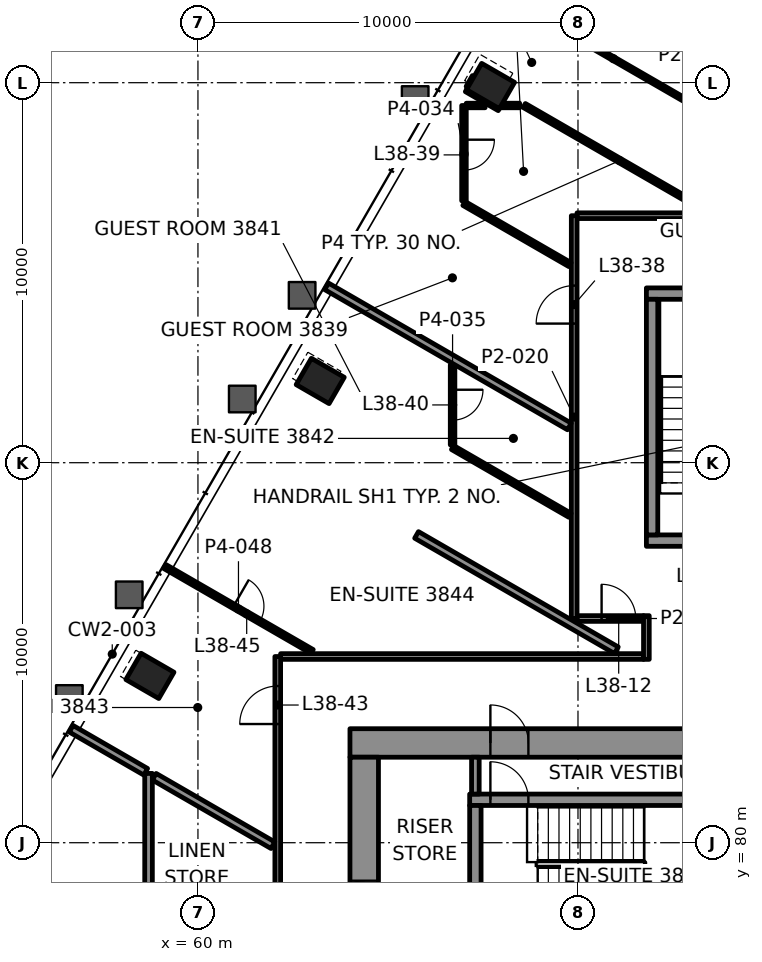
"""IFC4 building model, lengths in metres.
Left out: names, types, materials, properties, quantities, classifications, styles, units other than length and angle.
Written with IfcOpenShell. Run it as: python <this file> out.ifc"""

import sys

from ifc_helpers import new_model, si_unit, direction, frame, frame_2d, origin, origin_2d, place, context, subcontext, project, spatial, rectangle, hollow_rectangle, extrude, element, fill, save


model = new_model("IFC4")
c1 = context("Model", 3, precision=1e-05, world=origin(), true_north=direction((0.0, 1.0)))
c2 = subcontext(c1, "Body", "Model", "MODEL_VIEW")
j1 = project(units=[si_unit("LENGTHUNIT", "METRE"), si_unit("PLANEANGLEUNIT", "RADIAN")], contexts=[c1])
p1 = place(None, origin())
s1 = spatial("IfcSite", under=j1, at=p1, CompositionType="ELEMENT")
p2 = place(p1, origin())
s2 = spatial("IfcBuilding", under=s1, at=p2, CompositionType="ELEMENT")
p3 = place(p2, frame((0.0, 0.0, 167.5)))
s3 = spatial("IfcBuildingStorey", under=s2, at=p3, CompositionType="ELEMENT", Elevation=167.5)
for number, where, z_axis, x_axis in (
    (1, (67.698, 99.912, -0.0), (0.0, 0.0, 1.0), (-0.5, -0.866, 0.0)),
    (2, (63.218, 92.151, -0.0), (0.0, 0.0, 1.0), (-0.5, -0.866, 0.0)),
    (3, (58.737, 84.39, -0.0), (0.0, 0.0, 1.0), (-0.5, -0.866, 0.0)),
):
    element("IfcColumn", number, at=place(p3, frame(where, z_axis=z_axis, x_axis=x_axis)), inside=s3, PredefinedType="COLUMN", context=c2, shape_type="SweptSolid", body=[
        extrude(hollow_rectangle(XDim=0.8, YDim=1.0, WallThickness=0.05, at=origin_2d()), origin(), (0.0, 0.0, 1.0), 3.9),
    ])
p4 = place(p3, frame((64.0, 82.625, 0.0), z_axis=(0.0, 0.0, 1.0), x_axis=(1.0, 0.0, 0.0)))
e4 = element("IfcWall", 4, at=p4, inside=s3, PredefinedType="SHEAR", context=c2, shape_type="SweptSolid", body=[
    extrude(rectangle(XDim=22.0, YDim=0.75, at=frame_2d((11.0, 0.0))), origin(), (0.0, 0.0, 1.0), 3.7),
])
p5 = place(p4, frame((3.695, 0.0, 0.0)))
e5 = element("IfcOpeningElement", 5, at=p5, cuts=e4, PredefinedType="OPENING", context=c2, shape_type="SweptSolid", body=[
    extrude(rectangle(XDim=1.0, YDim=2.1, at=frame_2d((0.5, 1.05))), frame((0.0, 0.385, 0.0), z_axis=(0.0, -1.0, 0.0), x_axis=(1.0, 0.0, 0.0)), (0.0, 0.0, 1.0), 0.77),
])
p6 = place(p4, frame((17.505, 0.0, 0.0)))
e6 = element("IfcOpeningElement", 6, at=p6, cuts=e4, PredefinedType="OPENING", context=c2, shape_type="SweptSolid", body=[
    extrude(rectangle(XDim=1.0, YDim=2.1, at=frame_2d((0.5, 1.05))), frame((0.0, 0.385, 0.0), z_axis=(0.0, -1.0, 0.0), x_axis=(1.0, 0.0, 0.0)), (0.0, 0.0, 1.0), 0.77),
])
p7 = place(p4, frame((10.65, 0.0, 0.0)))
e7 = element("IfcOpeningElement", 7, at=p7, cuts=e4, PredefinedType="OPENING", context=c2, shape_type="SweptSolid", body=[
    extrude(rectangle(XDim=0.9, YDim=2.1, at=frame_2d((0.45, 1.05))), frame((0.0, 0.385, 0.0), z_axis=(0.0, -1.0, 0.0), x_axis=(1.0, 0.0, 0.0)), (0.0, 0.0, 1.0), 0.77),
])
p8 = place(p3, frame((64.375, 67.75, 0.0), z_axis=(0.0, 0.0, 1.0), x_axis=(0.0, 1.0, 0.0)))
e8 = element("IfcWall", 8, at=p8, inside=s3, PredefinedType="SHEAR", context=c2, shape_type="SweptSolid", body=[
    extrude(rectangle(XDim=14.5, YDim=0.75, at=frame_2d((7.25, 0.0))), origin(), (0.0, 0.0, 1.0), 3.7),
])
p9 = place(p8, frame((4.65, 0.0, 0.0)))
e9 = element("IfcOpeningElement", 9, at=p9, cuts=e8, PredefinedType="OPENING", context=c2, shape_type="SweptSolid", body=[
    extrude(rectangle(XDim=1.8, YDim=2.1, at=frame_2d((0.9, 1.05))), frame((0.0, 0.385, 0.0), z_axis=(0.0, -1.0, 0.0), x_axis=(1.0, 0.0, 0.0)), (0.0, 0.0, 1.0), 0.77),
])
p10 = place(p8, frame((2.55, 0.0, 0.0)))
e10 = element("IfcOpeningElement", 10, at=p10, cuts=e8, PredefinedType="OPENING", context=c2, shape_type="SweptSolid", body=[
    extrude(rectangle(XDim=0.9, YDim=2.1, at=frame_2d((0.45, 1.05))), frame((0.0, 0.385, 0.0), z_axis=(0.0, -1.0, 0.0), x_axis=(1.0, 0.0, 0.0)), (0.0, 0.0, 1.0), 0.77),
])
p11 = place(p8, frame((10.35, 0.0, 0.0)))
e11 = element("IfcOpeningElement", 11, at=p11, cuts=e8, PredefinedType="OPENING", context=c2, shape_type="SweptSolid", body=[
    extrude(rectangle(XDim=0.9, YDim=2.1, at=frame_2d((0.45, 1.05))), frame((0.0, 0.385, 0.0), z_axis=(0.0, -1.0, 0.0), x_axis=(1.0, 0.0, 0.0)), (0.0, 0.0, 1.0), 0.77),
])
p12 = place(p3, frame((67.15, 81.13, 0.0), z_axis=(0.0, 0.0, 1.0), x_axis=(1.0, 0.0, 0.0)))
e12 = element("IfcWall", 12, at=p12, inside=s3, PredefinedType="SHEAR", context=c2, shape_type="SweptSolid", body=[
    extrude(rectangle(XDim=6.91, YDim=0.3, at=frame_2d((3.455, 0.0))), origin(), (0.0, 0.0, 1.0), 3.7),
])
p13 = place(p12, frame((0.545, 0.0, 0.0)))
e13 = element("IfcOpeningElement", 13, at=p13, cuts=e12, PredefinedType="OPENING", context=c2, shape_type="SweptSolid", body=[
    extrude(rectangle(XDim=1.0, YDim=2.1, at=frame_2d((0.5, 1.05))), frame((0.0, 0.16, 0.0), z_axis=(0.0, -1.0, 0.0), x_axis=(1.0, 0.0, 0.0)), (0.0, 0.0, 1.0), 0.32),
])
p14 = place(p3, frame((67.3, 77.9, 0.0), z_axis=(0.0, 0.0, 1.0), x_axis=(0.0, 1.0, 0.0)))
e14 = element("IfcWall", 14, at=p14, inside=s3, PredefinedType="SHEAR", context=c2, shape_type="SweptSolid", body=[
    extrude(rectangle(XDim=3.08, YDim=0.3, at=frame_2d((1.54, 0.0))), origin(), (0.0, 0.0, 1.0), 3.7),
])
p15 = place(p3, frame((71.8, 87.95, 0.0), z_axis=(0.0, 0.0, 1.0), x_axis=(1.0, 0.0, 0.0)))
e15 = element("IfcWall", 15, at=p15, inside=s3, PredefinedType="SHEAR", context=c2, shape_type="SweptSolid", body=[
    extrude(rectangle(XDim=6.4, YDim=0.3, at=frame_2d((3.2, 0.0))), origin(), (0.0, 0.0, 1.0), 3.7),
])
p16 = place(p15, frame((1.325, 0.0, 0.0)))
e16 = element("IfcOpeningElement", 16, at=p16, cuts=e15, PredefinedType="OPENING", context=c2, shape_type="SweptSolid", body=[
    extrude(rectangle(XDim=1.0, YDim=2.1, at=frame_2d((0.5, 1.05))), frame((0.0, 0.16, 0.0), z_axis=(0.0, -1.0, 0.0), x_axis=(1.0, 0.0, 0.0)), (0.0, 0.0, 1.0), 0.32),
])
p17 = place(p15, frame((4.125, 0.0, 0.0)))
e17 = element("IfcOpeningElement", 17, at=p17, cuts=e15, PredefinedType="OPENING", context=c2, shape_type="SweptSolid", body=[
    extrude(rectangle(XDim=1.2, YDim=2.1, at=frame_2d((0.6, 1.05))), frame((0.0, 0.16, 0.0), z_axis=(0.0, -1.0, 0.0), x_axis=(1.0, 0.0, 0.0)), (0.0, 0.0, 1.0), 0.32),
])
p18 = place(p3, frame((71.8, 94.45, 0.0), z_axis=(0.0, 0.0, 1.0), x_axis=(1.0, 0.0, 0.0)))
e18 = element("IfcWall", 18, at=p18, inside=s3, PredefinedType="SHEAR", context=c2, shape_type="SweptSolid", body=[
    extrude(rectangle(XDim=6.4, YDim=0.3, at=frame_2d((3.2, 0.0))), origin(), (0.0, 0.0, 1.0), 3.7),
])
p19 = place(p3, frame((71.95, 88.1, 0.0), z_axis=(0.0, 0.0, 1.0), x_axis=(0.0, 1.0, 0.0)))
e19 = element("IfcWall", 19, at=p19, inside=s3, PredefinedType="SHEAR", context=c2, shape_type="SweptSolid", body=[
    extrude(rectangle(XDim=6.2, YDim=0.3, at=frame_2d((3.1, 0.0))), origin(), (0.0, 0.0, 1.0), 3.7),
])
p20 = place(p3, frame((62.176, 84.9, 0.0), z_axis=(0.0, 0.0, 1.0), x_axis=(1.0, 0.0, 0.0)))
e20 = element("IfcWall", 20, at=p20, inside=s3, PredefinedType="PARTITIONING", context=c2, shape_type="SweptSolid", body=[
    extrude(rectangle(XDim=9.55, YDim=0.15, at=frame_2d((4.775, 0.0))), origin(), (0.0, 0.0, 1.0), 3.1),
])
p21 = place(p3, frame((69.976, 85.9, 0.0), z_axis=(0.0, 0.0, 1.0), x_axis=(1.0, 0.0, 0.0)))
e21 = element("IfcWall", 21, at=p21, inside=s3, PredefinedType="PARTITIONING", context=c2, shape_type="SweptSolid", body=[
    extrude(rectangle(XDim=1.75, YDim=0.15, at=frame_2d((0.875, 0.0))), origin(), (0.0, 0.0, 1.0), 3.1),
])
p22 = place(p21, frame((0.646, 0.0, 0.0)))
e22 = element("IfcOpeningElement", 22, at=p22, cuts=e21, PredefinedType="OPENING", context=c2, shape_type="SweptSolid", body=[
    extrude(rectangle(XDim=0.9, YDim=2.1, at=frame_2d((0.45, 1.05))), frame((0.0, 0.085, 0.0), z_axis=(0.0, -1.0, 0.0), x_axis=(1.0, 0.0, 0.0)), (0.0, 0.0, 1.0), 0.17),
])
p23 = place(p3, frame((69.975, 96.5, 0.0), z_axis=(0.0, 0.0, 1.0), x_axis=(1.0, 0.0, 0.0)))
e23 = element("IfcWall", 23, at=p23, inside=s3, PredefinedType="PARTITIONING", context=c2, shape_type="SweptSolid", body=[
    extrude(rectangle(XDim=3.384, YDim=0.15, at=frame_2d((1.692, 0.0))), origin(), (0.0, 0.0, 1.0), 3.1),
])
p24 = place(p3, frame((67.06, 99.4, 0.0), z_axis=(0.0, 0.0, 1.0), x_axis=(1.0, 0.0, 0.0)))
e24 = element("IfcWall", 24, at=p24, inside=s3, PredefinedType="PARTITIONING", context=c2, shape_type="SweptSolid", body=[
    extrude(rectangle(XDim=0.496, YDim=0.12, at=frame_2d((0.248, 0.0))), origin(), (0.0, 0.0, 1.0), 3.022),
])
p25 = place(p3, frame((67.98, 99.4, 0.0), z_axis=(0.0, 0.0, 1.0), x_axis=(1.0, 0.0, 0.0)))
e25 = element("IfcWall", 25, at=p25, inside=s3, PredefinedType="PARTITIONING", context=c2, shape_type="SweptSolid", body=[
    extrude(rectangle(XDim=0.486, YDim=0.12, at=frame_2d((0.243, 0.0))), origin(), (0.0, 0.0, 1.0), 3.1),
])
p26 = place(p3, frame((67.1, 99.877, 0.0), z_axis=(0.0, 0.0, 1.0), x_axis=(0.500277597875, 0.865865073245, 0.0)))
e26 = element("IfcWall", 26, at=p26, inside=s3, PredefinedType="PARTITIONING", context=c2, shape_type="SweptSolid", body=[
    extrude(rectangle(XDim=0.33, YDim=0.1, at=frame_2d((0.165, 0.0))), origin(), (0.0, 0.0, 1.0), 3.1),
])
p27 = place(p3, frame((71.8, 84.825, 0.0), z_axis=(0.0, 0.0, 1.0), x_axis=(0.0, 1.0, 0.0)))
e27 = element("IfcWall", 27, at=p27, inside=s3, PredefinedType="PARTITIONING", context=c2, shape_type="SweptSolid", body=[
    extrude(rectangle(XDim=1.15, YDim=0.15, at=frame_2d((0.575, 0.0))), origin(), (0.0, 0.0, 1.0), 3.1),
])
p28 = place(p3, frame((69.9, 85.9, 0.0), z_axis=(0.0, 0.0, 1.0), x_axis=(0.0, 1.0, 0.0)))
e28 = element("IfcWall", 28, at=p28, inside=s3, PredefinedType="PARTITIONING", context=c2, shape_type="SweptSolid", body=[
    extrude(rectangle(XDim=10.6, YDim=0.15, at=frame_2d((5.3, 0.0))), origin(), (0.0, 0.0, 1.0), 3.022),
])
p29 = place(p28, frame((7.76, 0.0, 0.0)))
e29 = element("IfcOpeningElement", 29, at=p29, cuts=e28, PredefinedType="OPENING", context=c2, shape_type="SweptSolid", body=[
    extrude(rectangle(XDim=1.0, YDim=2.1, at=frame_2d((0.5, 1.05))), frame((0.0, 0.085, 0.0), z_axis=(0.0, -1.0, 0.0), x_axis=(1.0, 0.0, 0.0)), (0.0, 0.0, 1.0), 0.17),
])
p30 = place(p3, frame((67.0, 99.4, 0.0), z_axis=(0.0, 0.0, 1.0), x_axis=(0.0, -1.0, 0.0)))
e30 = element("IfcWall", 30, at=p30, inside=s3, PredefinedType="PARTITIONING", context=c2, shape_type="SweptSolid", body=[
    extrude(rectangle(XDim=2.508, YDim=0.12, at=frame_2d((1.254, 0.0))), origin(), (0.0, 0.0, 1.0), 3.022),
])
p31 = place(p30, frame((0.9, 0.0, 0.0)))
e31 = element("IfcOpeningElement", 31, at=p31, cuts=e30, PredefinedType="OPENING", context=c2, shape_type="SweptSolid", body=[
    extrude(rectangle(XDim=0.8, YDim=2.1, at=frame_2d((0.4, 1.05))), frame((0.0, 0.07, 0.0), z_axis=(0.0, -1.0, 0.0), x_axis=(1.0, 0.0, 0.0)), (0.0, 0.0, 1.0), 0.14),
])
p32 = place(p3, frame((66.7, 92.572, 0.0), z_axis=(0.0, 0.0, 1.0), x_axis=(0.0, -1.0, 0.0)))
e32 = element("IfcWall", 32, at=p32, inside=s3, PredefinedType="PARTITIONING", context=c2, shape_type="SweptSolid", body=[
    extrude(rectangle(XDim=2.104, YDim=0.12, at=frame_2d((1.052, 0.0))), origin(), (0.0, 0.0, 1.0), 3.1),
])
p33 = place(p32, frame((0.652, 0.0, 0.0)))
e33 = element("IfcOpeningElement", 33, at=p33, cuts=e32, PredefinedType="OPENING", context=c2, shape_type="SweptSolid", body=[
    extrude(rectangle(XDim=0.8, YDim=2.1, at=frame_2d((0.4, 1.05))), frame((0.0, 0.07, 0.0), z_axis=(0.0, -1.0, 0.0), x_axis=(1.0, 0.0, 0.0)), (0.0, 0.0, 1.0), 0.14),
])
p34 = place(p3, frame((62.1, 68.591, 0.0), z_axis=(0.0, 0.0, 1.0), x_axis=(0.0, 1.0, 0.0)))
e34 = element("IfcWall", 34, at=p34, inside=s3, PredefinedType="PARTITIONING", context=c2, shape_type="SweptSolid", body=[
    extrude(rectangle(XDim=16.308, YDim=0.15, at=frame_2d((8.154, 0.0))), origin(), (0.0, 0.0, 1.0), 3.1),
])
p35 = place(p34, frame((4.999, 0.0, 0.0)))
e35 = element("IfcOpeningElement", 35, at=p35, cuts=e34, PredefinedType="OPENING", context=c2, shape_type="SweptSolid", body=[
    extrude(rectangle(XDim=0.9, YDim=2.1, at=frame_2d((0.45, 1.05))), frame((0.0, 0.085, 0.0), z_axis=(0.0, -1.0, 0.0), x_axis=(1.0, 0.0, 0.0)), (0.0, 0.0, 1.0), 0.17),
])
p36 = place(p34, frame((8.879, 0.0, 0.0)))
e36 = element("IfcOpeningElement", 36, at=p36, cuts=e34, PredefinedType="OPENING", context=c2, shape_type="SweptSolid", body=[
    extrude(rectangle(XDim=0.9, YDim=2.1, at=frame_2d((0.45, 1.05))), frame((0.0, 0.085, 0.0), z_axis=(0.0, -1.0, 0.0), x_axis=(1.0, 0.0, 0.0)), (0.0, 0.0, 1.0), 0.17),
])
p37 = place(p34, frame((14.532, 0.0, 0.0)))
e37 = element("IfcOpeningElement", 37, at=p37, cuts=e34, PredefinedType="OPENING", context=c2, shape_type="SweptSolid", body=[
    extrude(rectangle(XDim=1.0, YDim=2.1, at=frame_2d((0.5, 1.05))), frame((0.0, 0.085, 0.0), z_axis=(0.0, -1.0, 0.0), x_axis=(1.0, 0.0, 0.0)), (0.0, 0.0, 1.0), 0.17),
])
p38 = place(p3, frame((58.7, 74.063, 0.0), z_axis=(0.0, 0.0, 1.0), x_axis=(0.0, 1.0, 0.0)))
e38 = element("IfcWall", 38, at=p38, inside=s3, PredefinedType="PARTITIONING", context=c2, shape_type="SweptSolid", body=[
    extrude(rectangle(XDim=7.76, YDim=0.2, at=frame_2d((3.88, 0.0))), origin(), (0.0, 0.0, 1.0), 3.1),
])
p39 = place(p3, frame((73.999, 98.862, 0.0), z_axis=(0.0, 0.0, 1.0), x_axis=(-0.866025982437, 0.499998997742, 0.0)))
e39 = element("IfcWall", 39, at=p39, inside=s3, PredefinedType="PARTITIONING", context=c2, shape_type="SweptSolid", body=[
    extrude(rectangle(XDim=7.082, YDim=0.1, at=frame_2d((3.541, 0.0))), origin(), (0.0, 0.0, 1.0), 3.1),
])
p40 = place(p3, frame((73.609, 96.5, 0.0), z_axis=(0.0, 0.0, 1.0), x_axis=(-0.866032775405, 0.499987231761, 0.0)))
e40 = element("IfcWall", 40, at=p40, inside=s3, PredefinedType="PARTITIONING", context=c2, shape_type="SweptSolid", body=[
    extrude(rectangle(XDim=5.8, YDim=0.12, at=frame_2d((2.9, 0.0))), origin(), (0.0, 0.0, 1.0), 3.1),
])
p41 = place(p3, frame((67.932, 99.316, 0.0), z_axis=(0.0, 0.0, 1.0), x_axis=(-0.866010750942, 0.50002537861, 0.0)))
e41 = element("IfcWall", 41, at=p41, inside=s3, PredefinedType="PARTITIONING", context=c2, shape_type="SweptSolid", body=[
    extrude(rectangle(XDim=1.0, YDim=0.12, at=frame_2d((0.5, 0.0))), origin(), (0.0, 0.0, 1.0), 3.022),
])
p42 = place(p3, frame((69.79, 95.212, 0.0), z_axis=(0.0, 0.0, 1.0), x_axis=(-0.86604299788, 0.499969524894, 0.0)))
e42 = element("IfcWall", 42, at=p42, inside=s3, PredefinedType="PARTITIONING", context=c2, shape_type="SweptSolid", body=[
    extrude(rectangle(XDim=3.222, YDim=0.12, at=frame_2d((1.611, 0.0))), origin(), (0.0, 0.0, 1.0), 3.1),
])
p43 = place(p3, frame((69.773, 90.953, 0.0), z_axis=(0.0, 0.0, 1.0), x_axis=(-0.866016371538, 0.500015643983, 0.0)))
e43 = element("IfcWall", 43, at=p43, inside=s3, PredefinedType="PARTITIONING", context=c2, shape_type="SweptSolid", body=[
    extrude(rectangle(XDim=7.376, YDim=0.2, at=frame_2d((3.688, 0.0))), origin(), (0.0, 0.0, 1.0), 3.022),
])
p44 = place(p3, frame((69.791, 88.615, 0.0), z_axis=(0.0, 0.0, 1.0), x_axis=(-0.866045460162, 0.499965259726, 0.0)))
e44 = element("IfcWall", 44, at=p44, inside=s3, PredefinedType="PARTITIONING", context=c2, shape_type="SweptSolid", body=[
    extrude(rectangle(XDim=3.569, YDim=0.12, at=frame_2d((1.784, 0.0))), origin(), (0.0, 0.0, 1.0), 3.1),
])
p45 = place(p3, frame((71.01, 85.065, 0.0), z_axis=(0.0, 0.0, 1.0), x_axis=(-0.866024161028, 0.500002152512, 0.0)))
e45 = element("IfcWall", 45, at=p45, inside=s3, PredefinedType="PARTITIONING", context=c2, shape_type="SweptSolid", body=[
    extrude(rectangle(XDim=6.07, YDim=0.2, at=frame_2d((3.035, 0.0))), origin(), (0.0, 0.0, 1.0), 3.1),
])
p46 = place(p3, frame((59.128, 87.268, 0.0), z_axis=(0.0, 0.0, 1.0), x_axis=(0.866029361473, -0.49999314502, 0.0)))
e46 = element("IfcWall", 46, at=p46, inside=s3, PredefinedType="PARTITIONING", context=c2, shape_type="SweptSolid", body=[
    extrude(rectangle(XDim=4.476, YDim=0.12, at=frame_2d((2.238, 0.0))), origin(), (0.0, 0.0, 1.0), 3.022),
])
p47 = place(p46, frame((2.088, 0.0, 0.0)))
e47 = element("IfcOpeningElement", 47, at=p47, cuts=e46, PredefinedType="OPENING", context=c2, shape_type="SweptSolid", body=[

★ ★ ★

What this task involves: Every line containing the word "where" must be copied from the material above.

Result of the task:
for number, where, z_axis, x_axis in (
    element("IfcColumn", number, at=place(p3, frame(where, z_axis=z_axis, x_axis=x_axis)), inside=s3, PredefinedType="COLUMN", context=c2, shape_type="SweptSolid", body=[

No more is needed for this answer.